Work to complete: From the records below, set down exactly the lines starting with the line that contains "#24=PCURVE('',#17,#23);" and going on through the line that contains "#33=LINE('',#30,#32);". Nothing else is wanted.

Data for this exercise:
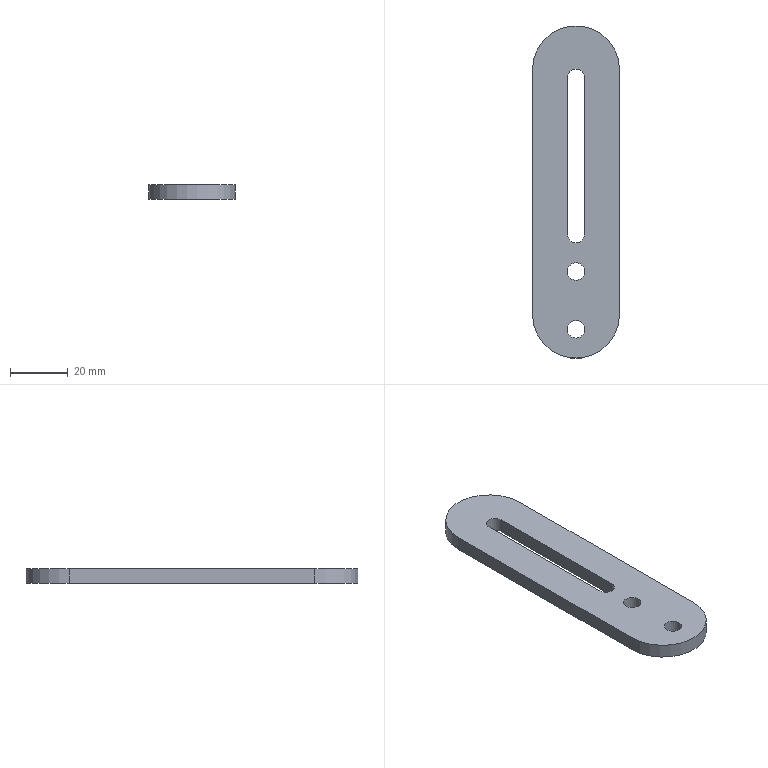Component | NX | BALL_HEAD_WAIST_PLATE | 1 solid | 12 faces | box 30 x 115 x 5 mm | volume 14240 mm3 | plane 6 | cylinder 6 | commonest cylinder face diameters 6 x4 30 x2
STEP:
#1=CARTESIAN_POINT('',(0.,0.,0.));
#2=DIRECTION('',(0.,0.,1.));
#3=DIRECTION('',(1.,0.,0.));
#4=AXIS2_PLACEMENT_3D('',#1,#2,#3);
#5=CARTESIAN_POINT('',(-63.,-45.593,2.5));
#6=VERTEX_POINT('',#5);
#7=CARTESIAN_POINT('',(-63.,8.407,2.5));
#8=VERTEX_POINT('',#7);
#9=CARTESIAN_POINT('',(-63.,-48.593,2.5));
#10=DIRECTION('',(0.,1.,0.));
#11=VECTOR('',#10,1.);
#12=LINE('',#9,#11);
#13=CARTESIAN_POINT('',(-63.,-48.593,7.5));
#14=DIRECTION('',(-1.,0.,0.));
#15=DIRECTION('',(0.,0.,-1.));
#16=AXIS2_PLACEMENT_3D('',#13,#14,#15);
#17=PLANE('',#16);
#18=CARTESIAN_POINT('',(5.,0.));
#19=DIRECTION('',(0.,-1.));
#20=VECTOR('',#19,1.);
#21=LINE('',#18,#20);
#22=(GEOMETRIC_REPRESENTATION_CONTEXT(2)PARAMETRIC_REPRESENTATION_CONTEXT()REPRESENTATION_CONTEXT('',''));
#23=DEFINITIONAL_REPRESENTATION('',(#21),#22);
#24=PCURVE('',#17,#23);
#25=CARTESIAN_POINT('',(-60.,-78.593,2.5));
#26=DIRECTION('',(0.,0.,1.));
#27=DIRECTION('',(0.,-1.,0.));
#28=AXIS2_PLACEMENT_3D('',#25,#26,#27);
#29=PLANE('',#28);
#30=CARTESIAN_POINT('',(-30.,-3.));
#31=DIRECTION('',(-1.,0.));
#32=VECTOR('',#31,1.);
#33=LINE('',#30,#32);
#34=(GEOMETRIC_REPRESENTATION_CONTEXT(2)PARAMETRIC_REPRESENTATION_CONTEXT()REPRESENTATION_CONTEXT('',''));
#35=DEFINITIONAL_REPRESENTATION('',(#33),#34);
#36=PCURVE('',#29,#35);
#37=SURFACE_CURVE('',#12,(#24,#36),.PCURVE_S1.);
#38=EDGE_CURVE('',#6,#8,#37,.T.);
#39=ORIENTED_EDGE('',*,*,#38,.T.);
#40=CARTESIAN_POINT('',(-63.,8.407,7.5));
#41=VERTEX_POINT('',#40);
#42=CARTESIAN_POINT('',(-63.,8.407,7.5));
#43=DIRECTION('',(0.,0.,1.));
#44=VECTOR('',#43,1.);
#45=LINE('',#42,#44);
#46=CARTESIAN_POINT('',(0.,-57.));
#47=DIRECTION('',(-1.,0.));
#48=VECTOR('',#47,1.);
#49=LINE('',#46,#48);
#50=(GEOMETRIC_REPRESENTATION_CONTEXT(2)PARAMETRIC_REPRESENTATION_CONTEXT()REPRESENTATION_CONTEXT('',''));
#51=DEFINITIONAL_REPRESENTATION('',(#49),#50);
#52=PCURVE('',#17,#51);
#53=CARTESIAN_POINT('',(-60.,8.407,7.5));
#54=DIRECTION('',(0.,0.,1.));
#55=DIRECTION('',(0.,-1.,0.));
#56=AXIS2_PLACEMENT_3D('',#53,#54,#55);
#57=CYLINDRICAL_SURFACE('',#56,3.);
#58=CARTESIAN_POINT('',(4.712,0.));
#59=DIRECTION('',(0.,1.));
#60=VECTOR('',#59,1.);
#61=LINE('',#58,#60);
#62=(GEOMETRIC_REPRESENTATION_CONTEXT(2)PARAMETRIC_REPRESENTATION_CONTEXT()REPRESENTATION_CONTEXT('',''));
#63=DEFINITIONAL_REPRESENTATION('',(#61),#62);
#64=PCURVE('',#57,#63);
#65=SURFACE_CURVE('',#45,(#52,#64),.PCURVE_S1.);
#66=EDGE_CURVE('',#8,#41,#65,.T.);
#67=ORIENTED_EDGE('',*,*,#66,.T.);
#68=CARTESIAN_POINT('',(-63.,-45.593,7.5));
#69=VERTEX_POINT('',#68);
#70=CARTESIAN_POINT('',(-63.,-48.593,7.5));
#71=DIRECTION('',(0.,1.,0.));
#72=VECTOR('',#71,1.);
#73=LINE('',#70,#72);
#74=CARTESIAN_POINT('',(0.,0.));
#75=DIRECTION('',(0.,-1.));
#76=VECTOR('',#75,1.);
#77=LINE('',#74,#76);
#78=(GEOMETRIC_REPRESENTATION_CONTEXT(2)PARAMETRIC_REPRESENTATION_CONTEXT()REPRESENTATION_CONTEXT('',''));
#79=DEFINITIONAL_REPRESENTATION('',(#77),#78);
#80=PCURVE('',#17,#79);
#81=CARTESIAN_POINT('',(-60.,-78.593,7.5));
#82=DIRECTION('',(0.,0.,1.));
#83=DIRECTION('',(0.,-1.,0.));
#84=AXIS2_PLACEMENT_3D('',#81,#82,#83);
#85=PLANE('',#84);
#86=CARTESIAN_POINT('',(-30.,-3.));
#87=DIRECTION('',(-1.,0.));
#88=VECTOR('',#87,1.);
#89=LINE('',#86,#88);
#90=(GEOMETRIC_REPRESENTATION_CONTEXT(2)PARAMETRIC_REPRESENTATION_CONTEXT()REPRESENTATION_CONTEXT('',''));
#91=DEFINITIONAL_REPRESENTATION('',(#89),#90);
#92=PCURVE('',#85,#91);
#93=SURFACE_CURVE('',#73,(#80,#92),.PCURVE_S1.);
#94=EDGE_CURVE('',#69,#41,#93,.T.);
#95=ORIENTED_EDGE('',*,*,#94,.F.);
#96=CARTESIAN_POINT('',(-63.,-45.593,2.5));
#97=DIRECTION('',(0.,0.,-1.));
#98=VECTOR('',#97,1.);
#99=LINE('',#96,#98);
#100=CARTESIAN_POINT('',(5.,-3.));
#101=DIRECTION('',(1.,0.));
#102=VECTOR('',#101,1.);
#103=LINE('',#100,#102);
#104=(GEOMETRIC_REPRESENTATION_CONTEXT(2)PARAMETRIC_REPRESENTATION_CONTEXT()REPRESENTATION_CONTEXT('',''));
#105=DEFINITIONAL_REPRESENTATION('',(#103),#104);
#106=PCURVE('',#17,#105);
#107=CARTESIAN_POINT('',(-60.,-45.593,7.5));
#108=DIRECTION('',(0.,0.,1.));
#109=DIRECTION('',(0.,-1.,0.));
#110=AXIS2_PLACEMENT_3D('',#107,#108,#109);
#111=CYLINDRICAL_SURFACE('',#110,3.);
#112=CARTESIAN_POINT('',(4.712,-5.));
#113=DIRECTION('',(0.,-1.));
#114=VECTOR('',#113,1.);
#115=LINE('',#112,#114);
#116=(GEOMETRIC_REPRESENTATION_CONTEXT(2)PARAMETRIC_REPRESENTATION_CONTEXT()REPRESENTATION_CONTEXT('',''));
#117=DEFINITIONAL_REPRESENTATION('',(#115),#116);
#118=PCURVE('',#111,#117);
#119=SURFACE_CURVE('',#99,(#106,#118),.PCURVE_S1.);
#120=EDGE_CURVE('',#69,#6,#119,.T.);
#121=ORIENTED_EDGE('',*,*,#120,.T.);
#122=EDGE_LOOP('',(#39,#67,#95,#121));
#123=FACE_BOUND('',#122,.T.);
#124=ADVANCED_FACE('',(#123),#17,.F.);
#125=CARTESIAN_POINT('',(-45.,11.407,2.5));
#126=VERTEX_POINT('',#125);
#127=CARTESIAN_POINT('',(-45.,-73.593,2.5));
#128=VERTEX_POINT('',#127);
#129=CARTESIAN_POINT('',(-45.,26.407,2.5));
#130=DIRECTION('',(0.,-1.,0.));
#131=VECTOR('',#130,1.);
#132=LINE('',#129,#131);
#133=CARTESIAN_POINT('',(-45.,26.407,7.5));
#134=DIRECTION('',(1.,0.,0.));
#135=DIRECTION('',(0.,0.,1.));
#136=AXIS2_PLACEMENT_3D('',#133,#134,#135);
#137=PLANE('',#136);
#138=CARTESIAN_POINT('',(-5.,0.));
#139=DIRECTION('',(0.,1.));
#140=VECTOR('',#139,1.);
#141=LINE('',#138,#140);
#142=(GEOMETRIC_REPRESENTATION_CONTEXT(2)PARAMETRIC_REPRESENTATION_CONTEXT()REPRESENTATION_CONTEXT('',''));
#143=DEFINITIONAL_REPRESENTATION('',(#141),#142);
#144=PCURVE('',#137,#143);
#145=CARTESIAN_POINT('',(-105.,15.));
#146=DIRECTION('',(1.,0.));
#147=VECTOR('',#146,1.);
#148=LINE('',#145,#147);
#149=(GEOMETRIC_REPRESENTATION_CONTEXT(2)PARAMETRIC_REPRESENTATION_CONTEXT()REPRESENTATION_CONTEXT('',''));
#150=DEFINITIONAL_REPRESENTATION('',(#148),#149);
#151=PCURVE('',#29,#150);
#152=SURFACE_CURVE('',#132,(#144,#151),.PCURVE_S1.);
#153=EDGE_CURVE('',#126,#128,#152,.T.);
#154=ORIENTED_EDGE('',*,*,#153,.F.);
#155=CARTESIAN_POINT('',(-45.,11.407,7.5));
#156=VERTEX_POINT('',#155);
#157=CARTESIAN_POINT('',(-45.,11.407,7.5));
#158=DIRECTION('',(0.,0.,1.));
#159=VECTOR('',#158,1.);
#160=LINE('',#157,#159);
#161=CARTESIAN_POINT('',(0.,15.));
#162=DIRECTION('',(1.,0.));
#163=VECTOR('',#162,1.);
#164=LINE('',#161,#163);
#165=(GEOMETRIC_REPRESENTATION_CONTEXT(2)PARAMETRIC_REPRESENTATION_CONTEXT()REPRESENTATION_CONTEXT('',''));
#166=DEFINITIONAL_REPRESENTATION('',(#164),#165);
#167=PCURVE('',#137,#166);
#168=CARTESIAN_POINT('',(-60.,11.407,7.5));
#169=DIRECTION('',(0.,0.,-1.));
#170=DIRECTION('',(0.,1.,0.));
#171=AXIS2_PLACEMENT_3D('',#168,#169,#170);
#172=CYLINDRICAL_SURFACE('',#171,15.);
#173=CARTESIAN_POINT('',(7.854,0.));
#174=DIRECTION('',(0.,-1.));
#175=VECTOR('',#174,1.);
#176=LINE('',#173,#175);
#177=(GEOMETRIC_REPRESENTATION_CONTEXT(2)PARAMETRIC_REPRESENTATION_CONTEXT()REPRESENTATION_CONTEXT('',''));
#178=DEFINITIONAL_REPRESENTATION('',(#176),#177);
#179=PCURVE('',#172,#178);
#180=SURFACE_CURVE('',#160,(#167,#179),.PCURVE_S1.);
#181=EDGE_CURVE('',#126,#156,#180,.T.);
#182=ORIENTED_EDGE('',*,*,#181,.T.);
#183=CARTESIAN_POINT('',(-45.,-73.593,7.5));
#184=VERTEX_POINT('',#183);
#185=CARTESIAN_POINT('',(-45.,26.407,7.5));
#186=DIRECTION('',(0.,-1.,0.));
#187=VECTOR('',#186,1.);
#188=LINE('',#185,#187);
#189=CARTESIAN_POINT('',(0.,0.));
#190=DIRECTION('',(0.,1.));
#191=VECTOR('',#190,1.);
#192=LINE('',#189,#191);
#193=(GEOMETRIC_REPRESENTATION_CONTEXT(2)PARAMETRIC_REPRESENTATION_CONTEXT()REPRESENTATION_CONTEXT('',''));
#194=DEFINITIONAL_REPRESENTATION('',(#192),#193);
#195=PCURVE('',#137,#194);
#196=CARTESIAN_POINT('',(-105.,15.));
#197=DIRECTION('',(1.,0.));
#198=VECTOR('',#197,1.);
#199=LINE('',#196,#198);
#200=(GEOMETRIC_REPRESENTATION_CONTEXT(2)PARAMETRIC_REPRESENTATION_CONTEXT()REPRESENTATION_CONTEXT('',''));
#201=DEFINITIONAL_REPRESENTATION('',(#199),#200);
#202=PCURVE('',#85,#201);
#203=SURFACE_CURVE('',#188,(#195,#202),.PCURVE_S1.);
#204=EDGE_CURVE('',#156,#184,#203,.T.);
#205=ORIENTED_EDGE('',*,*,#204,.T.);
#206=CARTESIAN_POINT('',(-45.,-73.593,7.5));
#207=DIRECTION('',(0.,0.,-1.));
#208=VECTOR('',#207,1.);
#209=LINE('',#206,#208);
#210=CARTESIAN_POINT('',(0.,100.));
#211=DIRECTION('',(-1.,0.));
#212=VECTOR('',#211,1.);
#213=LINE('',#210,#212);
#214=(GEOMETRIC_REPRESENTATION_CONTEXT(2)PARAMETRIC_REPRESENTATION_CONTEXT()REPRESENTATION_CONTEXT('',''));
#215=DEFINITIONAL_REPRESENTATION('',(#213),#214);
#216=PCURVE('',#137,#215);
#217=CARTESIAN_POINT('',(-60.,-73.593,7.5));
#218=DIRECTION('',(0.,0.,-1.));
#219=DIRECTION('',(0.,1.,0.));
#220=AXIS2_PLACEMENT_3D('',#217,#218,#219);
#221=CYLINDRICAL_SURFACE('',#220,15.);
#222=CARTESIAN_POINT('',(1.571,0.));
#223=DIRECTION('',(0.,1.));
#224=VECTOR('',#223,1.);
#225=LINE('',#222,#224);
#226=(GEOMETRIC_REPRESENTATION_CONTEXT(2)PARAMETRIC_REPRESENTATION_CONTEXT()REPRESENTATION_CONTEXT('',''));
#227=DEFINITIONAL_REPRESENTATION('',(#225),#226);
#228=PCURVE('',#221,#227);
#229=SURFACE_CURVE('',#209,(#216,#228),.PCURVE_S1.);
#230=EDGE_CURVE('',#184,#128,#229,.T.);
#231=ORIENTED_EDGE('',*,*,#230,.T.);
#232=EDGE_LOOP('',(#154,#182,#205,#231));
#233=FACE_BOUND('',#232,.T.);
#234=ADVANCED_FACE('',(#233),#137,.T.);
#235=CARTESIAN_POINT('',(-75.,-73.593,7.5));
#236=VERTEX_POINT('',#235);
#237=CARTESIAN_POINT('',(-75.,11.407,7.5));
#238=VERTEX_POINT('',#237);
#239=CARTESIAN_POINT('',(-75.,-88.593,7.5));
#240=DIRECTION('',(-0.,1.,0.));
#241=VECTOR('',#240,1.);
#242=LINE('',#239,#241);
#243=CARTESIAN_POINT('',(-75.,-88.593,7.5));
#244=DIRECTION('',(-1.,-0.,0.));
#245=DIRECTION('',(0.,-1.,0.));
#246=AXIS2_PLACEMENT_3D('',#243,#244,#245);
#247=PLANE('',#246);
#248=CARTESIAN_POINT('',(0.,0.));
#249=DIRECTION('',(-1.,0.));
#250=VECTOR('',#249,1.);
#251=LINE('',#248,#250);
#252=(GEOMETRIC_REPRESENTATION_CONTEXT(2)PARAMETRIC_REPRESENTATION_CONTEXT()REPRESENTATION_CONTEXT('',''));
#253=DEFINITIONAL_REPRESENTATION('',(#251),#252);
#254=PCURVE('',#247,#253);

Answer box:
#24=PCURVE('',#17,#23);
#25=CARTESIAN_POINT('',(-60.,-78.593,2.5));
#26=DIRECTION('',(0.,0.,1.));
#27=DIRECTION('',(0.,-1.,0.));
#28=AXIS2_PLACEMENT_3D('',#25,#26,#27);
#29=PLANE('',#28);
#30=CARTESIAN_POINT('',(-30.,-3.));
#31=DIRECTION('',(-1.,0.));
#32=VECTOR('',#31,1.);
#33=LINE('',#30,#32);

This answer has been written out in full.